TASK BRIEF
Your answer should be the lines of the data below that contain "CompositionType".

DATA FOR ANALYSIS
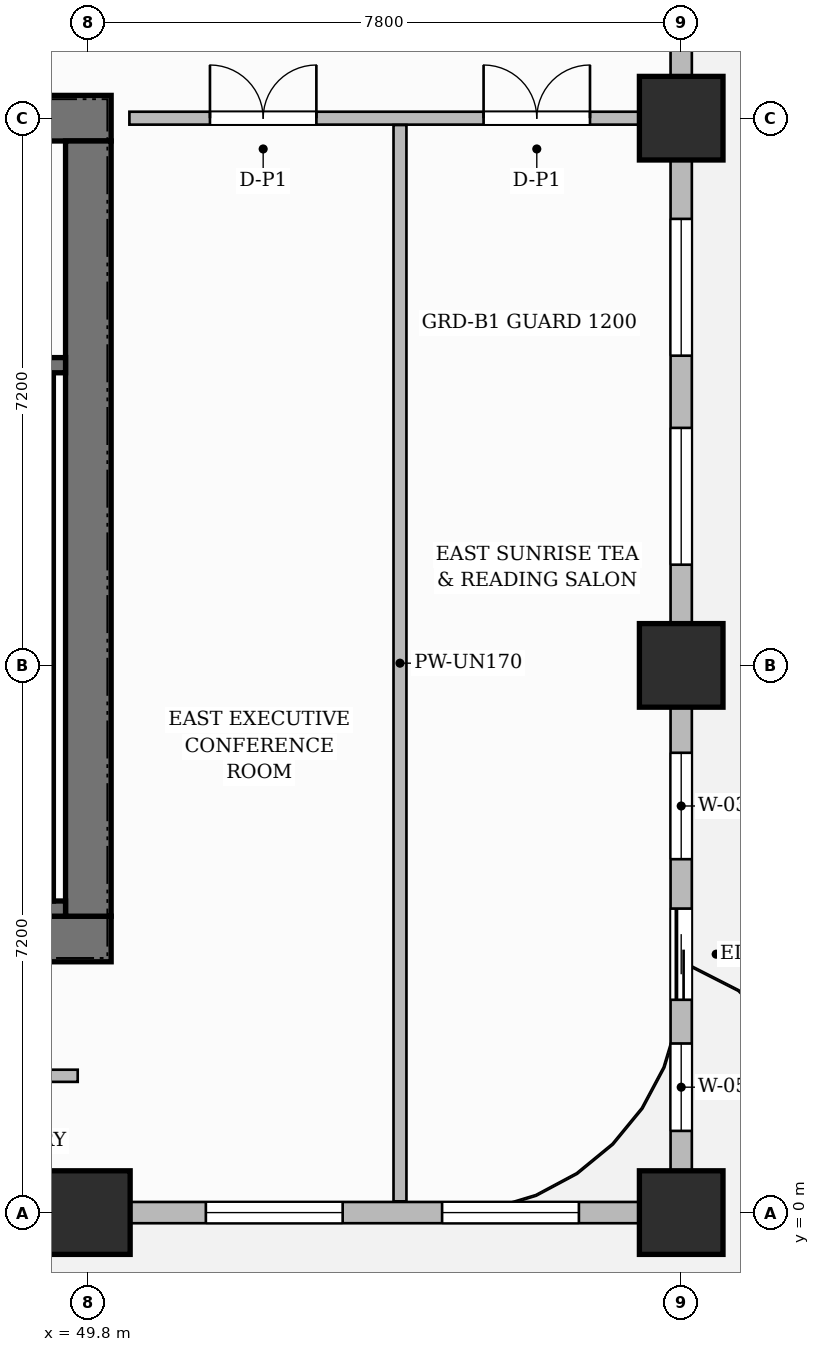
"""IFC4 building model, lengths in metres.
Left out: names, types, materials, properties, quantities, classifications, styles, units other than length and angle.
Written with IfcOpenShell. Run it as: python <this file> out.ifc"""

import sys

from ifc_helpers import new_model, si_unit, direction, frame, frame_2d, origin, origin_2d, place, context, subcontext, project, spatial, rectangle, extrude, source, transform, mapped, element, fill, save


model = new_model("IFC4")
c1 = context("Model", 3, precision=1e-05, world=origin(), true_north=direction((0.0, 1.0)))
c2 = subcontext(c1, "Body", "Model", "MODEL_VIEW")
j1 = project(units=[si_unit("LENGTHUNIT", "METRE"), si_unit("PLANEANGLEUNIT", "RADIAN")], contexts=[c1])
p1 = place(None, origin())
s1 = spatial("IfcSite", under=j1, at=p1, CompositionType="ELEMENT")
p2 = place(p1, origin())
s2 = spatial("IfcBuilding", under=s1, at=p2, CompositionType="ELEMENT")
p3 = place(p2, frame((0.0, 0.0, 43.5)))
s3 = spatial("IfcBuildingStorey", under=s2, at=p3, CompositionType="ELEMENT", Elevation=43.5)
p4 = place(p3, frame((34.5, 3.6, 0.0), z_axis=(0.0, 0.0, 1.0), x_axis=(1.0, 0.0, 0.0)))
e1 = element("IfcWall", 1, at=p4, inside=s3, PredefinedType="SHEAR", context=c2, shape_type="SweptSolid", body=[
    extrude(rectangle(XDim=15.6, YDim=0.6, at=frame_2d((7.8, 0.0))), origin(), (0.0, 0.0, 1.0), 3.7),
])
p5 = place(p4, frame((4.85, 0.0, 0.0)))
e2 = element("IfcOpeningElement", 2, at=p5, cuts=e1, PredefinedType="OPENING", context=c2, shape_type="SweptSolid", body=[
    extrude(rectangle(XDim=0.9, YDim=2.1, at=frame_2d((0.45, 1.05))), frame((0.0, 0.31, 0.0), z_axis=(0.0, -1.0, 0.0), x_axis=(1.0, 0.0, 0.0)), (0.0, 0.0, 1.0), 0.62),
])
p6 = place(p4, frame((7.27, 0.0, 0.0)))
e3 = element("IfcOpeningElement", 3, at=p6, cuts=e1, PredefinedType="OPENING", context=c2, shape_type="SweptSolid", body=[
    extrude(rectangle(XDim=0.9, YDim=2.1, at=frame_2d((0.45, 1.05))), frame((0.0, 0.31, 0.0), z_axis=(0.0, -1.0, 0.0), x_axis=(1.0, 0.0, 0.0)), (0.0, 0.0, 1.0), 0.62),
])
p7 = place(p3, frame((34.5, 14.4, 0.0), z_axis=(0.0, 0.0, 1.0), x_axis=(1.0, 0.0, 0.0)))
e4 = element("IfcWall", 4, at=p7, inside=s3, PredefinedType="SHEAR", context=c2, shape_type="SweptSolid", body=[
    extrude(rectangle(XDim=15.6, YDim=0.6, at=frame_2d((7.8, 0.0))), origin(), (0.0, 0.0, 1.0), 3.7),
])
p8 = place(p7, frame((5.43, 0.0, 0.0)))
e5 = element("IfcOpeningElement", 5, at=p8, cuts=e4, PredefinedType="OPENING", context=c2, shape_type="SweptSolid", body=[
    extrude(rectangle(XDim=1.5, YDim=2.2, at=frame_2d((0.75, 1.1))), frame((0.0, 0.31, 0.0), z_axis=(0.0, -1.0, 0.0), x_axis=(1.0, 0.0, 0.0)), (0.0, 0.0, 1.0), 0.62),
])
p9 = place(p7, frame((1.645, 0.0, 0.0)))
e6 = element("IfcOpeningElement", 6, at=p9, cuts=e4, PredefinedType="OPENING", context=c2, shape_type="SweptSolid", body=[
    extrude(rectangle(XDim=1.05, YDim=2.15, at=frame_2d((0.525, 1.075))), frame((0.0, 0.31, 0.0), z_axis=(0.0, -1.0, 0.0), x_axis=(1.0, 0.0, 0.0)), (0.0, 0.0, 1.0), 0.62),
])
p10 = place(p7, frame((11.275, 0.0, 0.0)))
e7 = element("IfcOpeningElement", 7, at=p10, cuts=e4, PredefinedType="OPENING", context=c2, shape_type="SweptSolid", body=[
    extrude(rectangle(XDim=1.05, YDim=2.15, at=frame_2d((0.525, 1.075))), frame((0.0, 0.31, 0.0), z_axis=(0.0, -1.0, 0.0), x_axis=(1.0, 0.0, 0.0)), (0.0, 0.0, 1.0), 0.62),
])
p11 = place(p3, frame((49.8, 3.9, 0.0), z_axis=(0.0, 0.0, 1.0), x_axis=(0.0, 1.0, 0.0)))
e8 = element("IfcWall", 8, at=p11, inside=s3, PredefinedType="SHEAR", context=c2, shape_type="SweptSolid", body=[
    extrude(rectangle(XDim=10.2, YDim=0.6, at=frame_2d((5.1, 0.0))), origin(), (0.0, 0.0, 1.0), 3.7),
])
m1 = source(origin(), c2, "Body", "SweptSolid", [
    extrude(rectangle(XDim=1.1, YDim=1.1, at=origin_2d()), origin(), (0.0, 0.0, 1.0), 3.7),
])
for number, where, z_axis, x_axis in (
    (9, (49.8, 0.0, 0.0), (0.0, 0.0, 1.0), (1.0, 0.0, 0.0)),
    (10, (57.6, 0.0, 0.0), (0.0, 0.0, 1.0), (1.0, 0.0, 0.0)),
    (11, (57.6, 7.2, 0.0), (0.0, 0.0, 1.0), (1.0, 0.0, 0.0)),
    (12, (57.6, 14.4, 0.0), (0.0, 0.0, 1.0), (1.0, 0.0, 0.0)),
):
    element("IfcColumn", number, at=place(p3, frame(where, z_axis=z_axis, x_axis=x_axis)), inside=s3, PredefinedType="COLUMN", context=c2, shape_type="MappedRepresentation", body=[
        mapped(m1, transform((0.0, 0.0, 0.0), scale=1.0)),
    ])
p12 = place(p3, frame((43.12, 4.0, 0.0), z_axis=(0.0, 0.0, 1.0), x_axis=(1.0, 0.0, 0.0)))
e13 = element("IfcWall", 13, at=p12, inside=s3, PredefinedType="SHEAR", context=c2, shape_type="SweptSolid", body=[
    extrude(rectangle(XDim=6.38, YDim=0.2, at=frame_2d((3.19, 0.0))), origin(), (0.0, 0.0, 1.0), 3.7),
])
p13 = place(p3, frame((49.24, 4.1, 0.0), z_axis=(0.0, 0.0, 1.0), x_axis=(0.0, 1.0, 0.0)))
e14 = element("IfcWall", 14, at=p13, inside=s3, PredefinedType="SHEAR", context=c2, shape_type="SweptSolid", body=[
    extrude(rectangle(XDim=6.95, YDim=0.2, at=frame_2d((3.475, 0.0))), origin(), (0.0, 0.0, 1.0), 3.7),
])
p14 = place(p3, frame((43.12, 11.15, 0.0), z_axis=(0.0, 0.0, 1.0), x_axis=(1.0, 0.0, 0.0)))
e15 = element("IfcWall", 15, at=p14, inside=s3, PredefinedType="SHEAR", context=c2, shape_type="SweptSolid", body=[
    extrude(rectangle(XDim=6.38, YDim=0.2, at=frame_2d((3.19, 0.0))), origin(), (0.0, 0.0, 1.0), 3.7),
])
p15 = place(p14, frame((1.045, 0.0, 0.0)))
e16 = element("IfcOpeningElement", 16, at=p15, cuts=e15, PredefinedType="OPENING", context=c2, shape_type="SweptSolid", body=[
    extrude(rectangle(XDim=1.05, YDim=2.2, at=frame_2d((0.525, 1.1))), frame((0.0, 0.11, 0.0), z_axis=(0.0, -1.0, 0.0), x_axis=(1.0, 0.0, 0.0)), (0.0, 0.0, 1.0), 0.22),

YOUR SOLUTION
s1 = spatial("IfcSite", under=j1, at=p1, CompositionType="ELEMENT")
s2 = spatial("IfcBuilding", under=s1, at=p2, CompositionType="ELEMENT")
s3 = spatial("IfcBuildingStorey", under=s2, at=p3, CompositionType="ELEMENT", Elevation=43.5)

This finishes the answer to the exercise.